BEGIN

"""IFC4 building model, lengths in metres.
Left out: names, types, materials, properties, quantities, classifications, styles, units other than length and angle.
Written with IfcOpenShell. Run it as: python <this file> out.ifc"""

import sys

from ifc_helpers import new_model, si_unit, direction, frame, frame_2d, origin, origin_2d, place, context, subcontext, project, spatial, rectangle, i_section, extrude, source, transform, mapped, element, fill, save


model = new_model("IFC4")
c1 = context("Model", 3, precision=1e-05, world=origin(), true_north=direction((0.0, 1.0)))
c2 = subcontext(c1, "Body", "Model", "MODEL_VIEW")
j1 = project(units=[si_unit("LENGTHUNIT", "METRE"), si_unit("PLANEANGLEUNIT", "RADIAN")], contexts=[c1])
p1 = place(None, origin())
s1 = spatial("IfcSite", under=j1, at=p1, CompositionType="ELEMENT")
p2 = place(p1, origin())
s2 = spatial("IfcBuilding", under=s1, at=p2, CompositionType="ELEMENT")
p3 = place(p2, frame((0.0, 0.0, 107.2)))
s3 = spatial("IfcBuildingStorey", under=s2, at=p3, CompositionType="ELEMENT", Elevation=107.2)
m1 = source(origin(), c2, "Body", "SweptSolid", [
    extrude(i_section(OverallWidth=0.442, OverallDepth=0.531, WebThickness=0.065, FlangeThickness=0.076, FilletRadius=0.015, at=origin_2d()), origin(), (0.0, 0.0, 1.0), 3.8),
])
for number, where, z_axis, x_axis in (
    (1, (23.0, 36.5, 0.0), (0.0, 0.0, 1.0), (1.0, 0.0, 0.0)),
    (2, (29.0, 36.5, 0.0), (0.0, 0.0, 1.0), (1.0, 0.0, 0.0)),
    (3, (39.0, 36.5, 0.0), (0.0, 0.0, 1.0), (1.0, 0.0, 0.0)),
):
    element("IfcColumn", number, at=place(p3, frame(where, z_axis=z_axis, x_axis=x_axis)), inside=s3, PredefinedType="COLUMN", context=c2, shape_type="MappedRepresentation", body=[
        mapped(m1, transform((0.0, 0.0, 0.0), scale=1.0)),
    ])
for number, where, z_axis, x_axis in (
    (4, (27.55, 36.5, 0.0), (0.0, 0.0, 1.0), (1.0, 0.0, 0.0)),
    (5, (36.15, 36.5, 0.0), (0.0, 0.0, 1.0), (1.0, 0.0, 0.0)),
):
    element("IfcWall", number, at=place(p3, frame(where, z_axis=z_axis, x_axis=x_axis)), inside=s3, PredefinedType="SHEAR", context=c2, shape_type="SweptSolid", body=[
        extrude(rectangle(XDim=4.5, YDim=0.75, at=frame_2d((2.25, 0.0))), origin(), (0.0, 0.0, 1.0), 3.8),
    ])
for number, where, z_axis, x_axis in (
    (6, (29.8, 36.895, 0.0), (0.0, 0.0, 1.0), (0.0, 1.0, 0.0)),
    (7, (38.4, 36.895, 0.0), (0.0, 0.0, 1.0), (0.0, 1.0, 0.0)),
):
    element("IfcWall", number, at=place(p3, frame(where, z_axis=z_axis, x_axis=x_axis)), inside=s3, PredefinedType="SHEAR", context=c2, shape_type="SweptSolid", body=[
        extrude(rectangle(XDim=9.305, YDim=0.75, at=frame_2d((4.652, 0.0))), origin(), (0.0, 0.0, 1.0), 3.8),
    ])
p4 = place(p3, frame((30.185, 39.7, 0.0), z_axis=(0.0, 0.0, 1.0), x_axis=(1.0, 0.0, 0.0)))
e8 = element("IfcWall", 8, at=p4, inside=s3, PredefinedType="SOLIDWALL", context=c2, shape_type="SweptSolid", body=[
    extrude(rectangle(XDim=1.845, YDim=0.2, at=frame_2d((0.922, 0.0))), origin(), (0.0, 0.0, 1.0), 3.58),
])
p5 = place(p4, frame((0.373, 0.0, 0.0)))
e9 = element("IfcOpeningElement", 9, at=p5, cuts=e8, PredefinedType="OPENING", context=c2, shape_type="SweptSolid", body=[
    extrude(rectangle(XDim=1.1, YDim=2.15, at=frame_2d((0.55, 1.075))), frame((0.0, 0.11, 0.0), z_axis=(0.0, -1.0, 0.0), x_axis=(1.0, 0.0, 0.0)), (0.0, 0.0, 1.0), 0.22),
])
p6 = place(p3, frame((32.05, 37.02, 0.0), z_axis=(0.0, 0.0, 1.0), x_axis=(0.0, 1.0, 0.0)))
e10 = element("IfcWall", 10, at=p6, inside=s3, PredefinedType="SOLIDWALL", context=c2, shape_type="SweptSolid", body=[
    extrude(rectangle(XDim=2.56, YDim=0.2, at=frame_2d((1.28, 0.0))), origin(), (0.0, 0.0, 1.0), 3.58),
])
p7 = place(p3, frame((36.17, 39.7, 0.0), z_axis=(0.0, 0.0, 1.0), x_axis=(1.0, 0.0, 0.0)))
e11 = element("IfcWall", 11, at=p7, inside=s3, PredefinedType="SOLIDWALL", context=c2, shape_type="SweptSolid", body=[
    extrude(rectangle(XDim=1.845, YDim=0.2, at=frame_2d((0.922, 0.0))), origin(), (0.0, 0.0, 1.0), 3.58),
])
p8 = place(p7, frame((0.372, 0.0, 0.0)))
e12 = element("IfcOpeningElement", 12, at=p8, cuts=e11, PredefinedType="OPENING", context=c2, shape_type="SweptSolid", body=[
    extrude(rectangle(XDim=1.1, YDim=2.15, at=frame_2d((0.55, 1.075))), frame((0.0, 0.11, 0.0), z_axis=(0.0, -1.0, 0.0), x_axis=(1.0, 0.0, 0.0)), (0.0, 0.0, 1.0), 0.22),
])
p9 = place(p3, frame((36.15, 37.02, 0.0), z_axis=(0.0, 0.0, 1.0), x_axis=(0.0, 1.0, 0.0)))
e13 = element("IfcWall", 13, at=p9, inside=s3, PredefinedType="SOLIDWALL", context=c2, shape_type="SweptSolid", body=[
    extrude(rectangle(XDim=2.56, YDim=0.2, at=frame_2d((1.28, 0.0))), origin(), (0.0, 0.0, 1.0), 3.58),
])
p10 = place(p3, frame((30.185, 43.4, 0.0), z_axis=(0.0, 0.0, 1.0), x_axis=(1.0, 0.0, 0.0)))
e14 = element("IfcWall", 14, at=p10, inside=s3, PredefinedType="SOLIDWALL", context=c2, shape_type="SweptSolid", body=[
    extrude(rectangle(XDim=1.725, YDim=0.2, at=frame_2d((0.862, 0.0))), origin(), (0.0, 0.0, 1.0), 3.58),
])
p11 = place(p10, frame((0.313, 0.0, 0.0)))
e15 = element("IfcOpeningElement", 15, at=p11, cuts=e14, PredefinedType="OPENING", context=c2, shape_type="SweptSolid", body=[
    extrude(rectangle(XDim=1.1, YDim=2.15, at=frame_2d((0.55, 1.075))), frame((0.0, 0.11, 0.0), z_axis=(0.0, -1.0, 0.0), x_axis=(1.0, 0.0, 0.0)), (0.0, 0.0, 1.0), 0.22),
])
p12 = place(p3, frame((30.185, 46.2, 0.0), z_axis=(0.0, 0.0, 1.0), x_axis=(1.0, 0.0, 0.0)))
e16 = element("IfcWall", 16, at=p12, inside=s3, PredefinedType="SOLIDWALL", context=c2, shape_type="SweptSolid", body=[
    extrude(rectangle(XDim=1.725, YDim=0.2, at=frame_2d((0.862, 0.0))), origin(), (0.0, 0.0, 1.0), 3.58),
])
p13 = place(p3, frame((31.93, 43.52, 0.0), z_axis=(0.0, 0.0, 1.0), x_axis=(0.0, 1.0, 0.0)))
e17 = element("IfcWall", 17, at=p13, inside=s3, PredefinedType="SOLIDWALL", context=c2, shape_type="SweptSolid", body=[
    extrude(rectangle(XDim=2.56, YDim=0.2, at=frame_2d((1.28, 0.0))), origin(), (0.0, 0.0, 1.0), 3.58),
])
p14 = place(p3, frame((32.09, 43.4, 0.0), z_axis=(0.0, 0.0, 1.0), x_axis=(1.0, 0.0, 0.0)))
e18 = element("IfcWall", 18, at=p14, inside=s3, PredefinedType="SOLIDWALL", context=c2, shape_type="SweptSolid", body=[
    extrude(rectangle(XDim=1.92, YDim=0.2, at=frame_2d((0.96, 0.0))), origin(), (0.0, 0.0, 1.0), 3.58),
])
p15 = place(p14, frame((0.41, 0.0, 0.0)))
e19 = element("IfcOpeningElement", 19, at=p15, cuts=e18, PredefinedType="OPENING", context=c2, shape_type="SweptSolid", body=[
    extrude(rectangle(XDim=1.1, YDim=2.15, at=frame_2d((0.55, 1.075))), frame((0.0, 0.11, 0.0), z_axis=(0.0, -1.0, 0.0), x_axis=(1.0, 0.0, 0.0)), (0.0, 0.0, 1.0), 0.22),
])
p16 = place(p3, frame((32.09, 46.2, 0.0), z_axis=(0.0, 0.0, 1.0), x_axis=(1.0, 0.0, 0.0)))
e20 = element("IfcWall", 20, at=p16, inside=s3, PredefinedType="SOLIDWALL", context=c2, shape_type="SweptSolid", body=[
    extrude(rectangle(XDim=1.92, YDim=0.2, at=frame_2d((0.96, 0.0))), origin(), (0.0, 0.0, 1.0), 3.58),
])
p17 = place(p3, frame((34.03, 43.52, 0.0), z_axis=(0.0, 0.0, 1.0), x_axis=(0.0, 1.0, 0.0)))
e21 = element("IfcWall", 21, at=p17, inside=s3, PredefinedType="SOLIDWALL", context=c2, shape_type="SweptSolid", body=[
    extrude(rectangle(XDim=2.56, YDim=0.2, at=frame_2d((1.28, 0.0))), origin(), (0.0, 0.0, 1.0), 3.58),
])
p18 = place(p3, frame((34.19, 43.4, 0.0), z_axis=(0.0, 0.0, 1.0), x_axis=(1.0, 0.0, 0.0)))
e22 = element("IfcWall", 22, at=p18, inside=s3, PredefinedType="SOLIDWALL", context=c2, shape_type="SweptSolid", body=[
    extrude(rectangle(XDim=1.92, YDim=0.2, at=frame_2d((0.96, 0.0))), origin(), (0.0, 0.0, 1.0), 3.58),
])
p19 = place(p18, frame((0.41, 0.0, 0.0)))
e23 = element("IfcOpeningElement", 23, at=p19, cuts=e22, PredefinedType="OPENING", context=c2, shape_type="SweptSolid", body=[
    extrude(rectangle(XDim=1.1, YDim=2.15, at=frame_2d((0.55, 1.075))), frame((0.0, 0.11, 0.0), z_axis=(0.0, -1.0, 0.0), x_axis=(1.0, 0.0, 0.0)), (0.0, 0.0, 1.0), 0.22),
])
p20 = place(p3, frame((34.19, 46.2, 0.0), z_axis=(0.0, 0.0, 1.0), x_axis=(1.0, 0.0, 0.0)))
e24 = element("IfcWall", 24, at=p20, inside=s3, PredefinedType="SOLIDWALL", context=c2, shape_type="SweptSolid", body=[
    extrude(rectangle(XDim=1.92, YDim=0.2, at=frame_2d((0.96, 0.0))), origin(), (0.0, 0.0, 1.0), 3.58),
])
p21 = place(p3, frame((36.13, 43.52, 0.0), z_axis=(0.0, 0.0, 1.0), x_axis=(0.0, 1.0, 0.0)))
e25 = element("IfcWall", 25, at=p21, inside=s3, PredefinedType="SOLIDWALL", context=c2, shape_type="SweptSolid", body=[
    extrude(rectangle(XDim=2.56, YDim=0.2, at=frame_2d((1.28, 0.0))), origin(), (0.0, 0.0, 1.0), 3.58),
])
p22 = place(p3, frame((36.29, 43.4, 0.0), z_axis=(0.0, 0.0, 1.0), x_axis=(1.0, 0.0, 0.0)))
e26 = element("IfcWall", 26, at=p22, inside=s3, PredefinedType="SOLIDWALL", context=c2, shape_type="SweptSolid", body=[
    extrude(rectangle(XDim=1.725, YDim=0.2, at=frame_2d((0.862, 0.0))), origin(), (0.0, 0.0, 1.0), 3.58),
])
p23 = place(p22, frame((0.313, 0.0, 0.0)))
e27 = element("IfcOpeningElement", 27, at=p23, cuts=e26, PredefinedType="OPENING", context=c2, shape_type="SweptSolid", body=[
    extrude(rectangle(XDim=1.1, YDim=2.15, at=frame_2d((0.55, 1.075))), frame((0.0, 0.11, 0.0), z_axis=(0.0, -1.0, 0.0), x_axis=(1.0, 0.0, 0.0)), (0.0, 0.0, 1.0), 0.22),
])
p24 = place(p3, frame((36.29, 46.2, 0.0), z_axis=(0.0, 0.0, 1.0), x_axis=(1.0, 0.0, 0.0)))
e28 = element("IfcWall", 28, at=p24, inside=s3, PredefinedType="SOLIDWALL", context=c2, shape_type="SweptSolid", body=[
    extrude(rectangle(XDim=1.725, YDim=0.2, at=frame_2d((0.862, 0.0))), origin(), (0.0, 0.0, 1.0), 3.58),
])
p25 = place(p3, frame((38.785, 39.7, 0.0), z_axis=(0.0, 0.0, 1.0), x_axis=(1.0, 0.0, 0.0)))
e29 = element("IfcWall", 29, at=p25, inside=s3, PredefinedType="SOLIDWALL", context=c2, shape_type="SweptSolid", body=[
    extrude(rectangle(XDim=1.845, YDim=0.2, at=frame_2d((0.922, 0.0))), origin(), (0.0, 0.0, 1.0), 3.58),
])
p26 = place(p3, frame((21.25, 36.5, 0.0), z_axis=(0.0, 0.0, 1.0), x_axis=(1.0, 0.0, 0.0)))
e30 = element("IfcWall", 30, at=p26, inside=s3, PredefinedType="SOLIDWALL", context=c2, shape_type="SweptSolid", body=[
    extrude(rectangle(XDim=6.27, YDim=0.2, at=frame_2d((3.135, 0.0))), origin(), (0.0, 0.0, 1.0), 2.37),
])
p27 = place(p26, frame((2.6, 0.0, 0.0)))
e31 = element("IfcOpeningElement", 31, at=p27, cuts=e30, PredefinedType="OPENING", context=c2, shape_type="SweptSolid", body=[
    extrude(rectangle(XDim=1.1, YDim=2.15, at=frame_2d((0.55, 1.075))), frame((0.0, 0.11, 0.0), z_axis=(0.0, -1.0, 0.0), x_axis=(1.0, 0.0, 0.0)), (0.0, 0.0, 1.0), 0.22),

END

REQUIRED ACTION
Scan the records for the word "spatial" and copy every line where it is found.

ANSWER SECTION
from ifc_helpers import new_model, si_unit, direction, frame, frame_2d, origin, origin_2d, place, context, subcontext, project, spatial, rectangle, i_section, extrude, source, transform, mapped, element, fill, save
s1 = spatial("IfcSite", under=j1, at=p1, CompositionType="ELEMENT")
s2 = spatial("IfcBuilding", under=s1, at=p2, CompositionType="ELEMENT")
s3 = spatial("IfcBuildingStorey", under=s2, at=p3, CompositionType="ELEMENT", Elevation=107.2)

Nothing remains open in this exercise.